Please quote exactly the lines below from the line containing "from ifc_helpers import" to the line containing "3.14, 0.0), z_axis=(0.0, 0.0, 1.0), x_axis=(1.0, 0.0, 0.0)))", both lines included, and nothing else.

(Collected data)
▬▬▬

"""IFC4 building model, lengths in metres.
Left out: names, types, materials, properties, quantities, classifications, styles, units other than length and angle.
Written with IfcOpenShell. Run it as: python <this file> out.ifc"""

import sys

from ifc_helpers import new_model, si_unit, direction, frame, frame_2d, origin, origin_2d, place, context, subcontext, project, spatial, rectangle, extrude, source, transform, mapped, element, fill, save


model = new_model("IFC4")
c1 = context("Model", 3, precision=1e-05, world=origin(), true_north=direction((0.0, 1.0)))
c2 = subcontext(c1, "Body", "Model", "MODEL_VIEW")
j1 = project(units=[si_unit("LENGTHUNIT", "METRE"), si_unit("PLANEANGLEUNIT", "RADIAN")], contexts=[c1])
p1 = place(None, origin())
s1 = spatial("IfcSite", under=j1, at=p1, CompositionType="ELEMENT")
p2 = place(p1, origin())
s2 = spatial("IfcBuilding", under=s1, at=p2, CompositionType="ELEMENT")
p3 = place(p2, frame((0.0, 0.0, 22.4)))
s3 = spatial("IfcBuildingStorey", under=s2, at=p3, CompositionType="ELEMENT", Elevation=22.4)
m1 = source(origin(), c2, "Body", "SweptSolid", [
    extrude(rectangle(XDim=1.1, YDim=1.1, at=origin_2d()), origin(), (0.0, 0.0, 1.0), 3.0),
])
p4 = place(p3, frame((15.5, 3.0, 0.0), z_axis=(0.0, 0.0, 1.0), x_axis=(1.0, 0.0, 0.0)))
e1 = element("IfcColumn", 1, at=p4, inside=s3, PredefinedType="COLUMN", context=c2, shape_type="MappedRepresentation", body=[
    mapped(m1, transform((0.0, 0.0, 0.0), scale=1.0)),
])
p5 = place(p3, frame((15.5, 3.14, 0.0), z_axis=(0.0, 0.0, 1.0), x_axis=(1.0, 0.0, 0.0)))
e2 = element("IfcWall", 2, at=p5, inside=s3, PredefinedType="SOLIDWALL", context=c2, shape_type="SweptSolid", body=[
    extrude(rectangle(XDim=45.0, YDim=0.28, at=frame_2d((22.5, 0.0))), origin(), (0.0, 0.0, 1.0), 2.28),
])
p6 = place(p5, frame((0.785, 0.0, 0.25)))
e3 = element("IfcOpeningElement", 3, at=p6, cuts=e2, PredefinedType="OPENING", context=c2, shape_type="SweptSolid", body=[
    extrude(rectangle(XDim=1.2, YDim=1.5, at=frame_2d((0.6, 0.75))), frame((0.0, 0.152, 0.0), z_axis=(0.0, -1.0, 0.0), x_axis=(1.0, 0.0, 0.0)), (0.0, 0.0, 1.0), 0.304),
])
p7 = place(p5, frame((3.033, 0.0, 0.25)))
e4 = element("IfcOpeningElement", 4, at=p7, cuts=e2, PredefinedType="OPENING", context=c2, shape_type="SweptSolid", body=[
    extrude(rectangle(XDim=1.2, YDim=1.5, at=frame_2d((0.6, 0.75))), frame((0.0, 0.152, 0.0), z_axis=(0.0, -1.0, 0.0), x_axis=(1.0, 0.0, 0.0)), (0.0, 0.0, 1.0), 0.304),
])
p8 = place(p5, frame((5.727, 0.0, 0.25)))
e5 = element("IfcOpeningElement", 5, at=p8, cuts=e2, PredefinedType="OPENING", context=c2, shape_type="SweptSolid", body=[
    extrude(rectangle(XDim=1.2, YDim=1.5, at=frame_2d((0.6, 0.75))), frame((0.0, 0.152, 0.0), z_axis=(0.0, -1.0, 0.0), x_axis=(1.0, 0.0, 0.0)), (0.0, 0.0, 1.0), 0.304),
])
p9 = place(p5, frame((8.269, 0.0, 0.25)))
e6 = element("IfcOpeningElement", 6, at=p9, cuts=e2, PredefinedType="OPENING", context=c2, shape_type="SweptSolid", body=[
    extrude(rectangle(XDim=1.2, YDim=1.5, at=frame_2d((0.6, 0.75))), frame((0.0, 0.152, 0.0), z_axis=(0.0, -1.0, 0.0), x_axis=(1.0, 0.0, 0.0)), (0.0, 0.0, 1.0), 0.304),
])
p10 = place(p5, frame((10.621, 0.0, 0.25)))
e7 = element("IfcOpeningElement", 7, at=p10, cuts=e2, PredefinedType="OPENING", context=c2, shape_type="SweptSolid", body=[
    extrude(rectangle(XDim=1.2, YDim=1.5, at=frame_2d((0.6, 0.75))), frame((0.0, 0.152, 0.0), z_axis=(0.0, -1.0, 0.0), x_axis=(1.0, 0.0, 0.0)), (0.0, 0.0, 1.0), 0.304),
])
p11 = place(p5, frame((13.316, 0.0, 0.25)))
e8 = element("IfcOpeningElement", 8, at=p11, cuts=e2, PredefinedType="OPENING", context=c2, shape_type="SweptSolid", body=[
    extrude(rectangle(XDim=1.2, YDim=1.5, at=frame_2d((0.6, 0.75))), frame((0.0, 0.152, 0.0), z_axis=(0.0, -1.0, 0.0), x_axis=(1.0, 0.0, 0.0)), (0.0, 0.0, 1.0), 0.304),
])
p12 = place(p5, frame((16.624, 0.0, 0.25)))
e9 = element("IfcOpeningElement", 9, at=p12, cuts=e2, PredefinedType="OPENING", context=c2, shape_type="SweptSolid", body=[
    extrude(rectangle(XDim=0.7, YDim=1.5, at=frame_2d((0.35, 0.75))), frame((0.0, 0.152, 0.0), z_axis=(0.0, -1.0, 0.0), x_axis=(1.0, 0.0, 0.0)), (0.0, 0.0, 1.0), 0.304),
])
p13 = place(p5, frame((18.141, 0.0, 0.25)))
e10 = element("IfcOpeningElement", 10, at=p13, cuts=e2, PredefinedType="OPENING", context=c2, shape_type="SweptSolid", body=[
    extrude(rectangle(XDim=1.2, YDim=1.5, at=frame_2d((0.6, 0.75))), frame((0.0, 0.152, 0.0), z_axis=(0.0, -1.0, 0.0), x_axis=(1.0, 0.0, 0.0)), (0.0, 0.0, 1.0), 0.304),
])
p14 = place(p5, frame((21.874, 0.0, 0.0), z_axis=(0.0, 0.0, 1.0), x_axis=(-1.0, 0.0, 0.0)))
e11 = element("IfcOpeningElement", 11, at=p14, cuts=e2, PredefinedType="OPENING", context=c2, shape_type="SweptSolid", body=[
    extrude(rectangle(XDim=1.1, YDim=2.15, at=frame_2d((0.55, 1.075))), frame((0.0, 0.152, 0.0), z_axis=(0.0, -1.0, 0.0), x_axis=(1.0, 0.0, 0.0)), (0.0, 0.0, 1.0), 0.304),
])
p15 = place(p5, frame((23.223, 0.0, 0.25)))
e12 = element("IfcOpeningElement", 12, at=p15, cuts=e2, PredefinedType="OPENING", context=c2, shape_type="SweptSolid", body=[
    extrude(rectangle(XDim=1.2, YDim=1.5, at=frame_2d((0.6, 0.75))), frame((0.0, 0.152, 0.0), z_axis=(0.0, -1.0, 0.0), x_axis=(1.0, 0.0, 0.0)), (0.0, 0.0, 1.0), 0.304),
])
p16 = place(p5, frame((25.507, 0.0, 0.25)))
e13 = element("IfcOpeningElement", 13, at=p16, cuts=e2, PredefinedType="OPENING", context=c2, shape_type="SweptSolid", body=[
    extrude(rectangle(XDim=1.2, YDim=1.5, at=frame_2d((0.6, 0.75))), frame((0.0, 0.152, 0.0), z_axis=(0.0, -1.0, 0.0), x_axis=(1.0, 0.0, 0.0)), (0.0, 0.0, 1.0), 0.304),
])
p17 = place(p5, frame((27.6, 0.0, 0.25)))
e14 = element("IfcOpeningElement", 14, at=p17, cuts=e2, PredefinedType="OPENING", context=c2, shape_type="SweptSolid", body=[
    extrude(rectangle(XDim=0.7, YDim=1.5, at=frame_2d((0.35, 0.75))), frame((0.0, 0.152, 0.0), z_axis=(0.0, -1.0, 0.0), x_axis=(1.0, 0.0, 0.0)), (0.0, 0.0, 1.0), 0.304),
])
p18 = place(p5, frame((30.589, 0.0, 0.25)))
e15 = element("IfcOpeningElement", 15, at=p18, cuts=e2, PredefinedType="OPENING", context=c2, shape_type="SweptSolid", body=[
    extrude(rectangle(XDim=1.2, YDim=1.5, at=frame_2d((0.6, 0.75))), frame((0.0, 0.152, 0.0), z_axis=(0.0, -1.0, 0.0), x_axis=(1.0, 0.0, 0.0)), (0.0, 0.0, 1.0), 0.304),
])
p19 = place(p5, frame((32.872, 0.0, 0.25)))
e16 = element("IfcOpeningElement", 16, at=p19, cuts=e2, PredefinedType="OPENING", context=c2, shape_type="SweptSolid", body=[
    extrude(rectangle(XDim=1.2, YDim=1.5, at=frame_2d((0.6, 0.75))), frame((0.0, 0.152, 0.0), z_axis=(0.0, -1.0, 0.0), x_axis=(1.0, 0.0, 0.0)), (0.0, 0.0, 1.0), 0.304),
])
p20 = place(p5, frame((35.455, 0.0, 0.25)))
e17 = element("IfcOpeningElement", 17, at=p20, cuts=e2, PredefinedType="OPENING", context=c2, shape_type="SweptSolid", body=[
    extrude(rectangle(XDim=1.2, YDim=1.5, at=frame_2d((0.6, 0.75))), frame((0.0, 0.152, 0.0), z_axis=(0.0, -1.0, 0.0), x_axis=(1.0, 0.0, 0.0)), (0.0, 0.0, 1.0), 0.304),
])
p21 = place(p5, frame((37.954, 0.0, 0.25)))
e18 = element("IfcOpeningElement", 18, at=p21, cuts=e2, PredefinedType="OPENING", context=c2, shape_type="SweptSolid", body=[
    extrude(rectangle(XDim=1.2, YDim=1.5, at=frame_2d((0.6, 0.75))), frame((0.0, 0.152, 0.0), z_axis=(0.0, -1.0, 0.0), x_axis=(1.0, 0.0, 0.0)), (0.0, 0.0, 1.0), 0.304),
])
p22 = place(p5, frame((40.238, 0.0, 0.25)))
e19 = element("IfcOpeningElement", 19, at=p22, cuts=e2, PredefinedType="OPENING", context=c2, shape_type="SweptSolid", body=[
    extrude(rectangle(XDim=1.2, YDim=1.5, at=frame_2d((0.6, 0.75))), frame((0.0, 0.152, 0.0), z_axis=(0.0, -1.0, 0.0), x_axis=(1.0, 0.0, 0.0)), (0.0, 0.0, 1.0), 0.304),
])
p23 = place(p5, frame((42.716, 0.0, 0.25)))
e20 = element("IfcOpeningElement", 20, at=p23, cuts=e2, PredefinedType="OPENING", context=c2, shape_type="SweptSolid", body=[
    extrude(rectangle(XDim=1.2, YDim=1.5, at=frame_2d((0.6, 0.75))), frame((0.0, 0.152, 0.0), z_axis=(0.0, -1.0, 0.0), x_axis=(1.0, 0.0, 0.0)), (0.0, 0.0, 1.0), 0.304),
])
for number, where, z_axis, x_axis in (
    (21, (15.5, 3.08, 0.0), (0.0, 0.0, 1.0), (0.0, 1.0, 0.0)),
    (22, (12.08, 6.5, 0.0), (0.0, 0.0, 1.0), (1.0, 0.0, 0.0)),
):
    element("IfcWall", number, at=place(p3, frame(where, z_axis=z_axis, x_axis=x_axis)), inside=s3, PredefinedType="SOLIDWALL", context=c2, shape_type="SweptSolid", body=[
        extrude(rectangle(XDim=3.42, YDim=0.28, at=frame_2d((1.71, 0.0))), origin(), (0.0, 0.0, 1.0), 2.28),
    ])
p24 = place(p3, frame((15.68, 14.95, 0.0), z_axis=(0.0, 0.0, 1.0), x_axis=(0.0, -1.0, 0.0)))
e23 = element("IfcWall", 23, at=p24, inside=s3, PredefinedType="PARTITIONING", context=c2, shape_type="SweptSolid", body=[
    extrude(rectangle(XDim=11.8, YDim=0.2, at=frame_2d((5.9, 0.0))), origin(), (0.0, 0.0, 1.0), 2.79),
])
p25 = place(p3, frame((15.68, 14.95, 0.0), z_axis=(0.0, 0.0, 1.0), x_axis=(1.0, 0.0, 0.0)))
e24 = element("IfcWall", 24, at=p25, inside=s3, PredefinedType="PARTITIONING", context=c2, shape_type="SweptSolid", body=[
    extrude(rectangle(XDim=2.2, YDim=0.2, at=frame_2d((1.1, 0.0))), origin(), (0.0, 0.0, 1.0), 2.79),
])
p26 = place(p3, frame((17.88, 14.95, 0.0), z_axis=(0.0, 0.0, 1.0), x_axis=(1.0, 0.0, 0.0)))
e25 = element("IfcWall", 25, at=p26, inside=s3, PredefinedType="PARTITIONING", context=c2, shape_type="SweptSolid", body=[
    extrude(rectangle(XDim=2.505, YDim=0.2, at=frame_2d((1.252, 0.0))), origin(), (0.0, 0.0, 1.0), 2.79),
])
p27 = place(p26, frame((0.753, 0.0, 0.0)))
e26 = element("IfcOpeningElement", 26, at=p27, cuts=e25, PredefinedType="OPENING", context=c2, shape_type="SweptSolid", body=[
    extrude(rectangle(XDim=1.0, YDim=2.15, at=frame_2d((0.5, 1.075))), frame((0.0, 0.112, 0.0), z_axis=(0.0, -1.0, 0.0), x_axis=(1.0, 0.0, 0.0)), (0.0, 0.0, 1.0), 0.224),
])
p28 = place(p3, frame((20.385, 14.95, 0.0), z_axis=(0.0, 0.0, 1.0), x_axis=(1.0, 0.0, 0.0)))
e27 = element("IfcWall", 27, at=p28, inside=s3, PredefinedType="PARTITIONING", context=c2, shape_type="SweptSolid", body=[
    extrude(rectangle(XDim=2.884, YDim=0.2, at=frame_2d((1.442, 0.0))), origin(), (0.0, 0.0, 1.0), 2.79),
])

▬▬▬

** Response for this exercise **
from ifc_helpers import new_model, si_unit, direction, frame, frame_2d, origin, origin_2d, place, context, subcontext, project, spatial, rectangle, extrude, source, transform, mapped, element, fill, save


model = new_model("IFC4")
c1 = context("Model", 3, precision=1e-05, world=origin(), true_north=direction((0.0, 1.0)))
c2 = subcontext(c1, "Body", "Model", "MODEL_VIEW")
j1 = project(units=[si_unit("LENGTHUNIT", "METRE"), si_unit("PLANEANGLEUNIT", "RADIAN")], contexts=[c1])
p1 = place(None, origin())
s1 = spatial("IfcSite", under=j1, at=p1, CompositionType="ELEMENT")
p2 = place(p1, origin())
s2 = spatial("IfcBuilding", under=s1, at=p2, CompositionType="ELEMENT")
p3 = place(p2, frame((0.0, 0.0, 22.4)))
s3 = spatial("IfcBuildingStorey", under=s2, at=p3, CompositionType="ELEMENT", Elevation=22.4)
m1 = source(origin(), c2, "Body", "SweptSolid", [
    extrude(rectangle(XDim=1.1, YDim=1.1, at=origin_2d()), origin(), (0.0, 0.0, 1.0), 3.0),
])
p4 = place(p3, frame((15.5, 3.0, 0.0), z_axis=(0.0, 0.0, 1.0), x_axis=(1.0, 0.0, 0.0)))
e1 = element("IfcColumn", 1, at=p4, inside=s3, PredefinedType="COLUMN", context=c2, shape_type="MappedRepresentation", body=[
    mapped(m1, transform((0.0, 0.0, 0.0), scale=1.0)),
])
p5 = place(p3, frame((15.5, 3.14, 0.0), z_axis=(0.0, 0.0, 1.0), x_axis=(1.0, 0.0, 0.0)))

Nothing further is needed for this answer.